Task instructions:
Scan the listing for the word "OPENING" and give the number of lines where it appears, with no other text.

============================================================

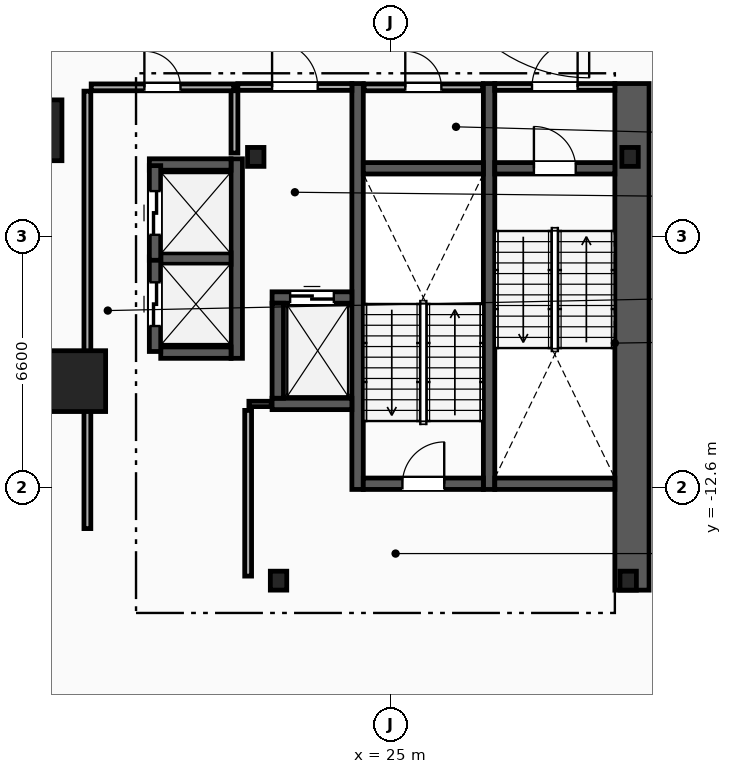
"""IFC4 building model, lengths in metres.
Left out: names, types, materials, properties, quantities, classifications, styles, units other than length and angle.
Written with IfcOpenShell. Run it as: python <this file> out.ifc"""

import sys

from ifc_helpers import new_model, si_unit, direction, frame, frame_2d, origin, origin_2d, place, context, subcontext, project, spatial, rectangle, i_section, extrude, element, fill, save


model = new_model("IFC4")
c1 = context("Model", 3, precision=1e-05, world=origin(), true_north=direction((0.0, 1.0)))
c2 = subcontext(c1, "Body", "Model", "MODEL_VIEW")
j1 = project(units=[si_unit("LENGTHUNIT", "METRE"), si_unit("PLANEANGLEUNIT", "RADIAN")], contexts=[c1])
p1 = place(None, origin())
s1 = spatial("IfcSite", under=j1, at=p1, CompositionType="ELEMENT")
p2 = place(p1, origin())
s2 = spatial("IfcBuilding", under=s1, at=p2, CompositionType="ELEMENT")
p3 = place(p2, frame((0.0, 0.0, -4.5)))
s3 = spatial("IfcBuildingStorey", under=s2, at=p3, CompositionType="ELEMENT", Elevation=-4.5)
for number, where, z_axis, x_axis in (
    (1, (31.3, -3.9, 0.0), (0.0, 0.0, 1.0), (1.0, 0.0, 0.0)),
    (2, (21.45, -3.9, 0.0), (0.0, 0.0, 1.0), (1.0, 0.0, 0.0)),
    (3, (22.05, -15.05, 0.0), (0.0, 0.0, 1.0), (1.0, 0.0, 0.0)),
    (4, (31.25, -15.05, 0.0), (0.0, 0.0, 1.0), (1.0, 0.0, 0.0)),
):
    element("IfcColumn", number, at=place(p3, frame(where, z_axis=z_axis, x_axis=x_axis)), inside=s3, PredefinedType="COLUMN", context=c2, shape_type="SweptSolid", body=[
        extrude(i_section(OverallWidth=0.432, OverallDepth=0.498, WebThickness=0.056, FlangeThickness=0.089, FilletRadius=0.018, at=origin_2d()), origin(), (0.0, 0.0, 1.0), 4.5),
    ])
for number, where, z_axis, x_axis in (
    (5, (15.55, -3.2, 0.0), (0.0, 0.0, 1.0), (1.0, 0.0, 0.0)),
    (6, (16.7, -9.8, 0.0), (0.0, 0.0, 1.0), (1.0, 0.0, 0.0)),
):
    element("IfcColumn", number, at=place(p3, frame(where, z_axis=z_axis, x_axis=x_axis)), inside=s3, PredefinedType="COLUMN", context=c2, shape_type="SweptSolid", body=[
        extrude(rectangle(XDim=1.6, YDim=1.6, at=origin_2d()), origin(), (0.0, 0.0, 1.0), 4.5),
    ])
p4 = place(p3, frame((31.35, -15.3, 0.0), z_axis=(0.0, 0.0, 1.0), x_axis=(0.0, 1.0, 0.0)))
e7 = element("IfcWall", 7, at=p4, inside=s3, PredefinedType="SHEAR", context=c2, shape_type="SweptSolid", body=[
    extrude(rectangle(XDim=13.33, YDim=0.9, at=frame_2d((6.665, 0.0))), origin(), (0.0, 0.0, 1.0), 4.15),
])
for number, where, z_axis, x_axis in (
    (8, (27.59, -12.65, 0.0), (0.0, 0.0, 1.0), (0.0, 1.0, 0.0)),
    (9, (24.13, -12.65, 0.0), (0.0, 0.0, 1.0), (0.0, 1.0, 0.0)),
):
    element("IfcWall", number, at=place(p3, frame(where, z_axis=z_axis, x_axis=x_axis)), inside=s3, PredefinedType="SHEAR", context=c2, shape_type="SweptSolid", body=[
        extrude(rectangle(XDim=10.68, YDim=0.3, at=frame_2d((5.34, 0.0))), origin(), (0.0, 0.0, 1.0), 4.15),
    ])
p5 = place(p3, frame((27.74, -4.2, 0.0), z_axis=(0.0, 0.0, 1.0), x_axis=(1.0, 0.0, 0.0)))
e10 = element("IfcWall", 10, at=p5, inside=s3, PredefinedType="SHEAR", context=c2, shape_type="SweptSolid", body=[
    extrude(rectangle(XDim=3.16, YDim=0.3, at=frame_2d((1.58, 0.0))), origin(), (0.0, 0.0, 1.0), 4.15),
])
p6 = place(p5, frame((1.03, 0.0, 0.0)))
e11 = element("IfcOpeningElement", 11, at=p6, cuts=e10, PredefinedType="OPENING", context=c2, shape_type="SweptSolid", body=[
    extrude(rectangle(XDim=1.1, YDim=2.15, at=frame_2d((0.55, 1.075))), frame((0.0, 0.16, 0.0), z_axis=(0.0, -1.0, 0.0), x_axis=(1.0, 0.0, 0.0)), (0.0, 0.0, 1.0), 0.32),
])
p7 = place(p3, frame((27.74, -12.5, 0.0), z_axis=(0.0, 0.0, 1.0), x_axis=(1.0, 0.0, 0.0)))
e12 = element("IfcWall", 12, at=p7, inside=s3, PredefinedType="SHEAR", context=c2, shape_type="SweptSolid", body=[
    extrude(rectangle(XDim=3.16, YDim=0.3, at=frame_2d((1.58, 0.0))), origin(), (0.0, 0.0, 1.0), 4.15),
])
p8 = place(p3, frame((24.28, -12.5, 0.0), z_axis=(0.0, 0.0, 1.0), x_axis=(1.0, 0.0, 0.0)))
e13 = element("IfcWall", 13, at=p8, inside=s3, PredefinedType="SHEAR", context=c2, shape_type="SweptSolid", body=[
    extrude(rectangle(XDim=3.16, YDim=0.3, at=frame_2d((1.58, 0.0))), origin(), (0.0, 0.0, 1.0), 4.15),
])
p9 = place(p8, frame((1.03, 0.0, 0.0)))
e14 = element("IfcOpeningElement", 14, at=p9, cuts=e13, PredefinedType="OPENING", context=c2, shape_type="SweptSolid", body=[
    extrude(rectangle(XDim=1.1, YDim=2.15, at=frame_2d((0.55, 1.075))), frame((0.0, 0.16, 0.0), z_axis=(0.0, -1.0, 0.0), x_axis=(1.0, 0.0, 0.0)), (0.0, 0.0, 1.0), 0.32),
])
p10 = place(p3, frame((24.28, -4.2, 0.0), z_axis=(0.0, 0.0, 1.0), x_axis=(1.0, 0.0, 0.0)))
e15 = element("IfcWall", 15, at=p10, inside=s3, PredefinedType="SHEAR", context=c2, shape_type="SweptSolid", body=[
    extrude(rectangle(XDim=3.16, YDim=0.3, at=frame_2d((1.58, 0.0))), origin(), (0.0, 0.0, 1.0), 4.15),
])
p11 = place(p3, frame((20.89, -3.8, 0.0), z_axis=(0.0, 0.0, 1.0), x_axis=(0.0, 1.0, 0.0)))
e16 = element("IfcWall", 16, at=p11, inside=s3, PredefinedType="PARTITIONING", context=c2, shape_type="SweptSolid", body=[
    extrude(rectangle(XDim=1.65, YDim=0.18, at=frame_2d((0.825, 0.0))), origin(), (0.0, 0.0, 1.0), 4.15),
])
p12 = place(p3, frame((20.98, -2.06, 0.0), z_axis=(0.0, 0.0, 1.0), x_axis=(1.0, 0.0, 0.0)))
e17 = element("IfcWall", 17, at=p12, inside=s3, PredefinedType="PARTITIONING", context=c2, shape_type="SweptSolid", body=[
    extrude(rectangle(XDim=3.0, YDim=0.18, at=frame_2d((1.5, 0.0))), origin(), (0.0, 0.0, 1.0), 4.15),
])
p13 = place(p12, frame((0.9, 0.0, 0.0)))
e18 = element("IfcOpeningElement", 18, at=p13, cuts=e17, PredefinedType="OPENING", context=c2, shape_type="SweptSolid", body=[
    extrude(rectangle(XDim=1.2, YDim=2.15, at=frame_2d((0.6, 1.075))), frame((0.0, 0.1, 0.0), z_axis=(0.0, -1.0, 0.0), x_axis=(1.0, 0.0, 0.0)), (0.0, 0.0, 1.0), 0.2),
])
p14 = place(p3, frame((27.74, -2.06, 0.0), z_axis=(0.0, 0.0, 1.0), x_axis=(1.0, 0.0, 0.0)))
e19 = element("IfcWall", 19, at=p14, inside=s3, PredefinedType="PARTITIONING", context=c2, shape_type="SweptSolid", body=[
    extrude(rectangle(XDim=3.16, YDim=0.18, at=frame_2d((1.58, 0.0))), origin(), (0.0, 0.0, 1.0), 4.15),
])
p15 = place(p14, frame((0.98, 0.0, 0.0)))
e20 = element("IfcOpeningElement", 20, at=p15, cuts=e19, PredefinedType="OPENING", context=c2, shape_type="SweptSolid", body=[
    extrude(rectangle(XDim=1.2, YDim=2.15, at=frame_2d((0.6, 1.075))), frame((0.0, 0.1, 0.0), z_axis=(0.0, -1.0, 0.0), x_axis=(1.0, 0.0, 0.0)), (0.0, 0.0, 1.0), 0.2),
])
p16 = place(p3, frame((21.88, -7.6, 0.0), z_axis=(0.0, 0.0, 1.0), x_axis=(1.0, 0.0, 0.0)))
e21 = element("IfcWall", 21, at=p16, inside=s3, PredefinedType="SHEAR", context=c2, shape_type="SweptSolid", body=[
    extrude(rectangle(XDim=2.1, YDim=0.3, at=frame_2d((1.05, 0.0))), origin(), (0.0, 0.0, 1.0), 4.15),
])
p17 = place(p16, frame((0.475, 0.0, 0.0)))
e22 = element("IfcOpeningElement", 22, at=p17, cuts=e21, PredefinedType="OPENING", context=c2, shape_type="SweptSolid", body=[
    extrude(rectangle(XDim=1.15, YDim=2.2, at=frame_2d((0.575, 1.1))), frame((0.0, 0.16, 0.0), z_axis=(0.0, -1.0, 0.0), x_axis=(1.0, 0.0, 0.0)), (0.0, 0.0, 1.0), 0.32),
])
p18 = place(p3, frame((21.88, -10.4, 0.0), z_axis=(0.0, 0.0, 1.0), x_axis=(1.0, 0.0, 0.0)))
e23 = element("IfcWall", 23, at=p18, inside=s3, PredefinedType="SHEAR", context=c2, shape_type="SweptSolid", body=[
    extrude(rectangle(XDim=2.1, YDim=0.3, at=frame_2d((1.05, 0.0))), origin(), (0.0, 0.0, 1.0), 4.15),
])
p19 = place(p3, frame((22.03, -10.25, 0.0), z_axis=(0.0, 0.0, 1.0), x_axis=(0.0, 1.0, 0.0)))
e24 = element("IfcWall", 24, at=p19, inside=s3, PredefinedType="SHEAR", context=c2, shape_type="SweptSolid", body=[
    extrude(rectangle(XDim=2.5, YDim=0.3, at=frame_2d((1.25, 0.0))), origin(), (0.0, 0.0, 1.0), 4.15),
])
p20 = place(p3, frame((20.95, -9.2, 0.0), z_axis=(0.0, 0.0, 1.0), x_axis=(0.0, 1.0, 0.0)))
e25 = element("IfcWall", 25, at=p20, inside=s3, PredefinedType="SHEAR", context=c2, shape_type="SweptSolid", body=[
    extrude(rectangle(XDim=5.25, YDim=0.3, at=frame_2d((2.625, 0.0))), origin(), (0.0, 0.0, 1.0), 4.15),
])
p21 = place(p3, frame((18.95, -9.05, 0.0), z_axis=(0.0, 0.0, 1.0), x_axis=(1.0, 0.0, 0.0)))
e26 = element("IfcWall", 26, at=p21, inside=s3, PredefinedType="SHEAR", context=c2, shape_type="SweptSolid", body=[
    extrude(rectangle(XDim=1.85, YDim=0.3, at=frame_2d((0.925, 0.0))), origin(), (0.0, 0.0, 1.0), 4.15),
])
p22 = place(p3, frame((18.65, -4.1, 0.0), z_axis=(0.0, 0.0, 1.0), x_axis=(1.0, 0.0, 0.0)))
e27 = element("IfcWall", 27, at=p22, inside=s3, PredefinedType="SHEAR", context=c2, shape_type="SweptSolid", body=[
    extrude(rectangle(XDim=2.15, YDim=0.3, at=frame_2d((1.075, 0.0))), origin(), (0.0, 0.0, 1.0), 4.15),
])
p23 = place(p3, frame((18.95, -6.575, 0.0), z_axis=(0.0, 0.0, 1.0), x_axis=(1.0, 0.0, 0.0)))
e28 = element("IfcWall", 28, at=p23, inside=s3, PredefinedType="SHEAR", context=c2, shape_type="SweptSolid", body=[
    extrude(rectangle(XDim=1.85, YDim=0.3, at=frame_2d((0.925, 0.0))), origin(), (0.0, 0.0, 1.0), 4.15),
])
p24 = place(p3, frame((18.8, -9.02, 0.0), z_axis=(0.0, 0.0, 1.0), x_axis=(0.0, 1.0, 0.0)))
e29 = element("IfcWall", 29, at=p24, inside=s3, PredefinedType="SHEAR", context=c2, shape_type="SweptSolid", body=[
    extrude(rectangle(XDim=2.49, YDim=0.3, at=frame_2d((1.245, 0.0))), origin(), (0.0, 0.0, 1.0), 4.15),
])
p25 = place(p24, frame((0.67, 0.0, 0.0)))
e30 = element("IfcOpeningElement", 30, at=p25, cuts=e29, PredefinedType="OPENING", context=c2, shape_type="SweptSolid", body=[
    extrude(rectangle(XDim=1.15, YDim=2.2, at=frame_2d((0.575, 1.1))), frame((0.0, 0.16, 0.0), z_axis=(0.0, -1.0, 0.0), x_axis=(1.0, 0.0, 0.0)), (0.0, 0.0, 1.0), 0.32),
])
p26 = place(p3, frame((18.8, -6.62, 0.0), z_axis=(0.0, 0.0, 1.0), x_axis=(0.0, 1.0, 0.0)))
e31 = element("IfcWall", 31, at=p26, inside=s3, PredefinedType="SHEAR", context=c2, shape_type="SweptSolid", body=[
    extrude(rectangle(XDim=2.49, YDim=0.3, at=frame_2d((1.245, 0.0))), origin(), (0.0, 0.0, 1.0), 4.15),
])
p27 = place(p26, frame((0.67, 0.0, 0.0)))
e32 = element("IfcOpeningElement", 32, at=p27, cuts=e31, PredefinedType="OPENING", context=c2, shape_type="SweptSolid", body=[
    extrude(rectangle(XDim=1.15, YDim=2.2, at=frame_2d((0.575, 1.1))), frame((0.0, 0.16, 0.0), z_axis=(0.0, -1.0, 0.0), x_axis=(1.0, 0.0, 0.0)), (0.0, 0.0, 1.0), 0.32),
])
p28 = place(p3, frame((17.02, -13.68, 0.0), z_axis=(0.0, 0.0, 1.0), x_axis=(0.0, 1.0, 0.0)))
e33 = element("IfcWall", 33, at=p28, inside=s3, PredefinedType="PARTITIONING", context=c2, shape_type="SweptSolid", body=[
    extrude(rectangle(XDim=11.51, YDim=0.18, at=frame_2d((5.755, 0.0))), origin(), (0.0, 0.0, 1.0), 4.15),
])
p29 = place(p3, frame((17.12, -2.07, 0.0), z_axis=(0.0, 0.0, 1.0), x_axis=(1.0, 0.0, 0.0)))
e34 = element("IfcWall", 34, at=p29, inside=s3, PredefinedType="PARTITIONING", context=c2, shape_type="SweptSolid", body=[
    extrude(rectangle(XDim=3.75, YDim=0.18, at=frame_2d((1.875, 0.0))), origin(), (0.0, 0.0, 1.0), 4.15),
])
p30 = place(p29, frame((1.4, 0.0, 0.0)))
e35 = element("IfcOpeningElement", 35, at=p30, cuts=e34, PredefinedType="OPENING", context=c2, shape_type="SweptSolid", body=[
    extrude(rectangle(XDim=0.95, YDim=2.1, at=frame_2d((0.475, 1.05))), frame((0.0, 0.1, 0.0), z_axis=(0.0, -1.0, 0.0), x_axis=(1.0, 0.0, 0.0)), (0.0, 0.0, 1.0), 0.2),
])
p31 = place(p3, frame((21.27, -10.4, 0.0), z_axis=(0.0, 0.0, 1.0), x_axis=(1.0, 0.0, 0.0)))
e36 = element("IfcWall", 36, at=p31, inside=s3, PredefinedType="PARTITIONING", context=c2, shape_type="SweptSolid", body=[
    extrude(rectangle(XDim=0.59, YDim=0.14, at=frame_2d((0.295, 0.0))), origin(), (0.0, 0.0, 1.0), 4.15),
])
p32 = place(p3, frame((21.25, -14.93, 0.0), z_axis=(0.0, 0.0, 1.0), x_axis=(0.0, 1.0, 0.0)))
e37 = element("IfcWall", 37, at=p32, inside=s3, PredefinedType="PARTITIONING", context=c2, shape_type="SweptSolid", body=[
    extrude(rectangle(XDim=4.36, YDim=0.18, at=frame_2d((2.18, 0.0))), origin(), (0.0, 0.0, 1.0), 4.15),
])
p33 = place(p3, frame((24.3, -2.07, 0.0), z_axis=(0.0, 0.0, 1.0), x_axis=(1.0, 0.0, 0.0)))
e38 = element("IfcWall", 38, at=p33, inside=s3, PredefinedType="PARTITIONING", context=c2, shape_type="SweptSolid", body=[
    extrude(rectangle(XDim=3.12, YDim=0.18, at=frame_2d((1.56, 0.0))), origin(), (0.0, 0.0, 1.0), 4.15),
])
p34 = place(p33, frame((1.085, 0.0, 0.0)))
e39 = element("IfcOpeningElement", 39, at=p34, cuts=e38, PredefinedType="OPENING", context=c2, shape_type="SweptSolid", body=[
    extrude(rectangle(XDim=0.95, YDim=2.1, at=frame_2d((0.475, 1.05))), frame((0.0, 0.1, 0.0), z_axis=(0.0, -1.0, 0.0), x_axis=(1.0, 0.0, 0.0)), (0.0, 0.0, 1.0), 0.2),
])
p35 = place(p6, origin())
e40 = element("IfcDoor", 40, at=p35, inside=s3, OperationType="SINGLE_SWING_LEFT", PredefinedType="DOOR", context=c2, shape_type="SweptSolid", body=[
    extrude(rectangle(XDim=1.1, YDim=2.15, at=frame_2d((0.55, 1.075))), frame((0.0, 0.025, 0.0), z_axis=(0.0, -1.0, 0.0), x_axis=(1.0, 0.0, 0.0)), (0.0, 0.0, 1.0), 0.05),
])
fill(e11, e40)
p36 = place(p9, origin())
e41 = element("IfcDoor", 41, at=p36, inside=s3, OperationType="SINGLE_SWING_RIGHT", PredefinedType="DOOR", context=c2, shape_type="SweptSolid", body=[
    extrude(rectangle(XDim=1.1, YDim=2.15, at=frame_2d((0.55, 1.075))), frame((0.0, 0.025, 0.0), z_axis=(0.0, -1.0, 0.0), x_axis=(1.0, 0.0, 0.0)), (0.0, 0.0, 1.0), 0.05),
])
fill(e14, e41)
p37 = place(p13, origin())
e42 = element("IfcDoor", 42, at=p37, inside=s3, OperationType="SINGLE_SWING_LEFT", PredefinedType="DOOR", context=c2, shape_type="SweptSolid", body=[
    extrude(rectangle(XDim=1.2, YDim=2.15, at=frame_2d((0.6, 1.075))), frame((0.0, 0.025, 0.0), z_axis=(0.0, -1.0, 0.0), x_axis=(1.0, 0.0, 0.0)), (0.0, 0.0, 1.0), 0.05),
])
fill(e18, e42)
p38 = place(p15, origin())
e43 = element("IfcDoor", 43, at=p38, inside=s3, OperationType="SINGLE_SWING_RIGHT", PredefinedType="DOOR", context=c2, shape_type="SweptSolid", body=[
    extrude(rectangle(XDim=1.2, YDim=2.15, at=frame_2d((0.6, 1.075))), frame((0.0, 0.025, 0.0), z_axis=(0.0, -1.0, 0.0), x_axis=(1.0, 0.0, 0.0)), (0.0, 0.0, 1.0), 0.05),
])
fill(e20, e43)
p39 = place(p17, origin())
e44 = element("IfcDoor", 44, at=p39, inside=s3, OperationType="SLIDING_TO_LEFT", PredefinedType="TRAPDOOR", context=c2, shape_type="SweptSolid", body=[
    extrude(rectangle(XDim=1.15, YDim=2.2, at=frame_2d((0.575, 1.1))), frame((0.0, 0.025, 0.0), z_axis=(0.0, -1.0, 0.0), x_axis=(1.0, 0.0, 0.0)), (0.0, 0.0, 1.0), 0.05),
])
fill(e22, e44)
p40 = place(p25, origin())
e45 = element("IfcDoor", 45, at=p40, inside=s3, OperationType="SLIDING_TO_LEFT", PredefinedType="TRAPDOOR", context=c2, shape_type="SweptSolid", body=[
    extrude(rectangle(XDim=1.15, YDim=2.2, at=frame_2d((0.575, 1.1))), frame((0.0, 0.025, 0.0), z_axis=(0.0, -1.0, 0.0), x_axis=(1.0, 0.0, 0.0)), (0.0, 0.0, 1.0), 0.05),
])
fill(e30, e45)
p41 = place(p27, origin())
e46 = element("IfcDoor", 46, at=p41, inside=s3, OperationType="SLIDING_TO_LEFT", PredefinedType="TRAPDOOR", context=c2, shape_type="SweptSolid", body=[
    extrude(rectangle(XDim=1.15, YDim=2.2, at=frame_2d((0.575, 1.1))), frame((0.0, 0.025, 0.0), z_axis=(0.0, -1.0, 0.0), x_axis=(1.0, 0.0, 0.0)), (0.0, 0.0, 1.0), 0.05),
])
fill(e32, e46)
p42 = place(p30, origin())
e47 = element("IfcDoor", 47, at=p42, inside=s3, OperationType="SINGLE_SWING_LEFT", PredefinedType="DOOR", context=c2, shape_type="SweptSolid", body=[
    extrude(rectangle(XDim=0.95, YDim=2.1, at=frame_2d((0.475, 1.05))), frame((0.0, 0.025, 0.0), z_axis=(0.0, -1.0, 0.0), x_axis=(1.0, 0.0, 0.0)), (0.0, 0.0, 1.0), 0.05),
])
fill(e35, e47)
p43 = place(p34, origin())
e48 = element("IfcDoor", 48, at=p43, inside=s3, OperationType="SINGLE_SWING_LEFT", PredefinedType="DOOR", context=c2, shape_type="SweptSolid", body=[
    extrude(rectangle(XDim=0.95, YDim=2.1, at=frame_2d((0.475, 1.05))), frame((0.0, 0.025, 0.0), z_axis=(0.0, -1.0, 0.0), x_axis=(1.0, 0.0, 0.0)), (0.0, 0.0, 1.0), 0.05),
])
fill(e39, e48)
save(model, sys.argv[1])

============================================================

Answer to the exercise:
9